§ REQUIRED WORK
Keep the images out while you retype all of the data exactly.

§ EXERCISE DATA
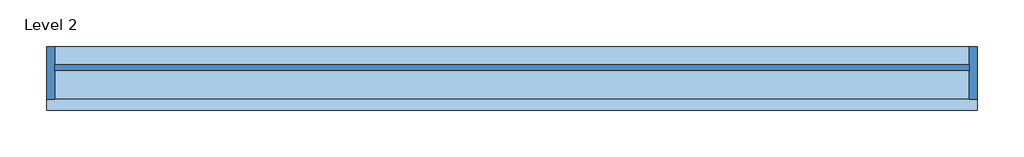
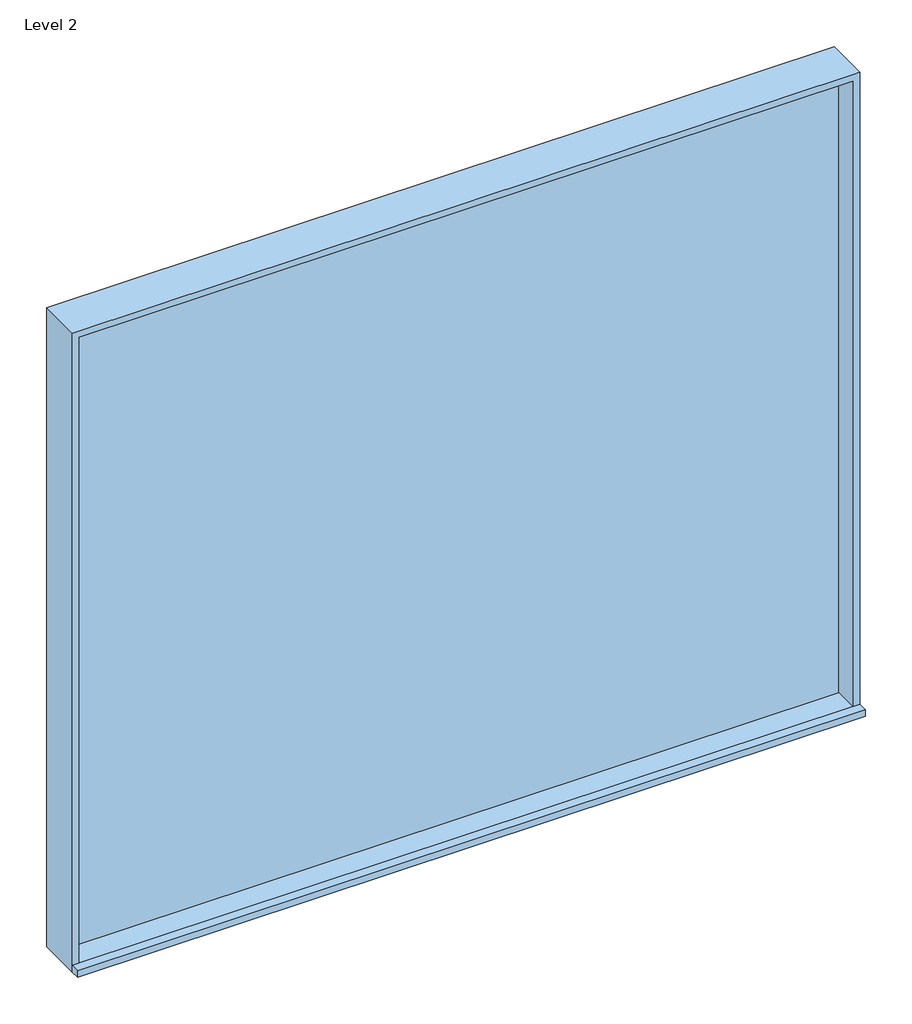
# One storey: 1 window.
"""IFC4 building model written with IfcOpenShell, lengths in millimetres."""

from ifc_helpers import new_model, si_unit, origin, place, context, project, spatial, transform, mapped, element, save
from components import window_88b07bfa

model = new_model("IFC4")

# Units and contexts
model_context = context("Model", 3, world=origin())
ifc_project = project(units=[si_unit("LENGTHUNIT", "METRE", prefix="MILLI")], contexts=[model_context])

# Site, building, storey
site = spatial("IfcSite", under=ifc_project)
building = spatial("IfcBuilding", under=site)
storey = spatial("IfcBuildingStorey", under=building, Name="Level 2", Elevation=3048.0)

# Window
placement = place(None, origin())
window_shape = window_88b07bfa(model_context)
element("IfcWindow", 1, ObjectType="Instance - Fixed : 24\" x 48\"", at=placement, inside=storey, context=model_context, shape_type="MappedRepresentation", body=[
    mapped(window_shape, transform((-10747.8874719, -885.9632813, 3291.4483945), x_axis=(-1.0, 0.0, 0.0), y_axis=(0.0, -1.0, 0.0), z_axis=(0.0, 0.0, 1.0))),
])

save(model, "model.ifc")

# Revit data of these elements
# Type "Instance - Fixed : 24\" x 48\""
#   Type Mark = "10"
#   Construction Type Id = "GSP4R"
#   Assembly Code = "B2020100"
#   Analytic Construction = "1/8 in Pilkington single glazing"
#   Visual Light Transmittance = 0.9
#   Thermal Resistance (R) = 0.8466 (h·ft²·°F)/BTU
#   Solar Heat Gain Coefficient = 0.86
#   Heat Transfer Coefficient (U) = 1.1812 BTU/(h·ft²·°F)
#   Height [instance default] = 4' - 0"
#   Default Sill Height = 3' - 0"
#   Width [instance default] = 2' - 0"
#   Window Inset = 0' - 2"
#   Define Thermal Properties by = 1
#   Glass Pane Material = Glass
#   Sash Material = Iron, Ductile
#   Wall Closure = (empty or 0)
# Element 1 (IfcWindow, "Instance - Fixed : 24\" x 48\"")
#   Mark = "2"
#   Width = 7' - 0"
#   Height = 6' - 0"
#   Phase Created = New Construction
#   Materials on its faces: "Iron, Ductile", "Glass"
# Materials
#   "Glass": class "Glass", colour RGB 0 128 192, transparency 0.75, Description = "Soda Lime Glass", Cost = 0
#   "Iron, Ductile": class "Metal", colour RGB 0 0 0, transparency 0, Description = "Ductile cast iron", Cost = 0

§ EXERCISE RESPONSE
# One storey: 1 window.
"""IFC4 building model written with IfcOpenShell, lengths in millimetres."""

from ifc_helpers import new_model, si_unit, origin, place, context, project, spatial, transform, mapped, element, save
from components import window_88b07bfa

model = new_model("IFC4")

# Units and contexts
model_context = context("Model", 3, world=origin())
ifc_project = project(units=[si_unit("LENGTHUNIT", "METRE", prefix="MILLI")], contexts=[model_context])

# Site, building, storey
site = spatial("IfcSite", under=ifc_project)
building = spatial("IfcBuilding", under=site)
storey = spatial("IfcBuildingStorey", under=building, Name="Level 2", Elevation=3048.0)

# Window
placement = place(None, origin())
window_shape = window_88b07bfa(model_context)
element("IfcWindow", 1, ObjectType="Instance - Fixed : 24\" x 48\"", at=placement, inside=storey, context=model_context, shape_type="MappedRepresentation", body=[
    mapped(window_shape, transform((-10747.8874719, -885.9632813, 3291.4483945), x_axis=(-1.0, 0.0, 0.0), y_axis=(0.0, -1.0, 0.0), z_axis=(0.0, 0.0, 1.0))),
])

save(model, "model.ifc")

# Revit data of these elements
# Type "Instance - Fixed : 24\" x 48\""
#   Type Mark = "10"
#   Construction Type Id = "GSP4R"
#   Assembly Code = "B2020100"
#   Analytic Construction = "1/8 in Pilkington single glazing"
#   Visual Light Transmittance = 0.9
#   Thermal Resistance (R) = 0.8466 (h·ft²·°F)/BTU
#   Solar Heat Gain Coefficient = 0.86
#   Heat Transfer Coefficient (U) = 1.1812 BTU/(h·ft²·°F)
#   Height [instance default] = 4' - 0"
#   Default Sill Height = 3' - 0"
#   Width [instance default] = 2' - 0"
#   Window Inset = 0' - 2"
#   Define Thermal Properties by = 1
#   Glass Pane Material = Glass
#   Sash Material = Iron, Ductile
#   Wall Closure = (empty or 0)
# Element 1 (IfcWindow, "Instance - Fixed : 24\" x 48\"")
#   Mark = "2"
#   Width = 7' - 0"
#   Height = 6' - 0"
#   Phase Created = New Construction
#   Materials on its faces: "Iron, Ductile", "Glass"
# Materials
#   "Glass": class "Glass", colour RGB 0 128 192, transparency 0.75, Description = "Soda Lime Glass", Cost = 0
#   "Iron, Ductile": class "Metal", colour RGB 0 0 0, transparency 0, Description = "Ductile cast iron", Cost = 0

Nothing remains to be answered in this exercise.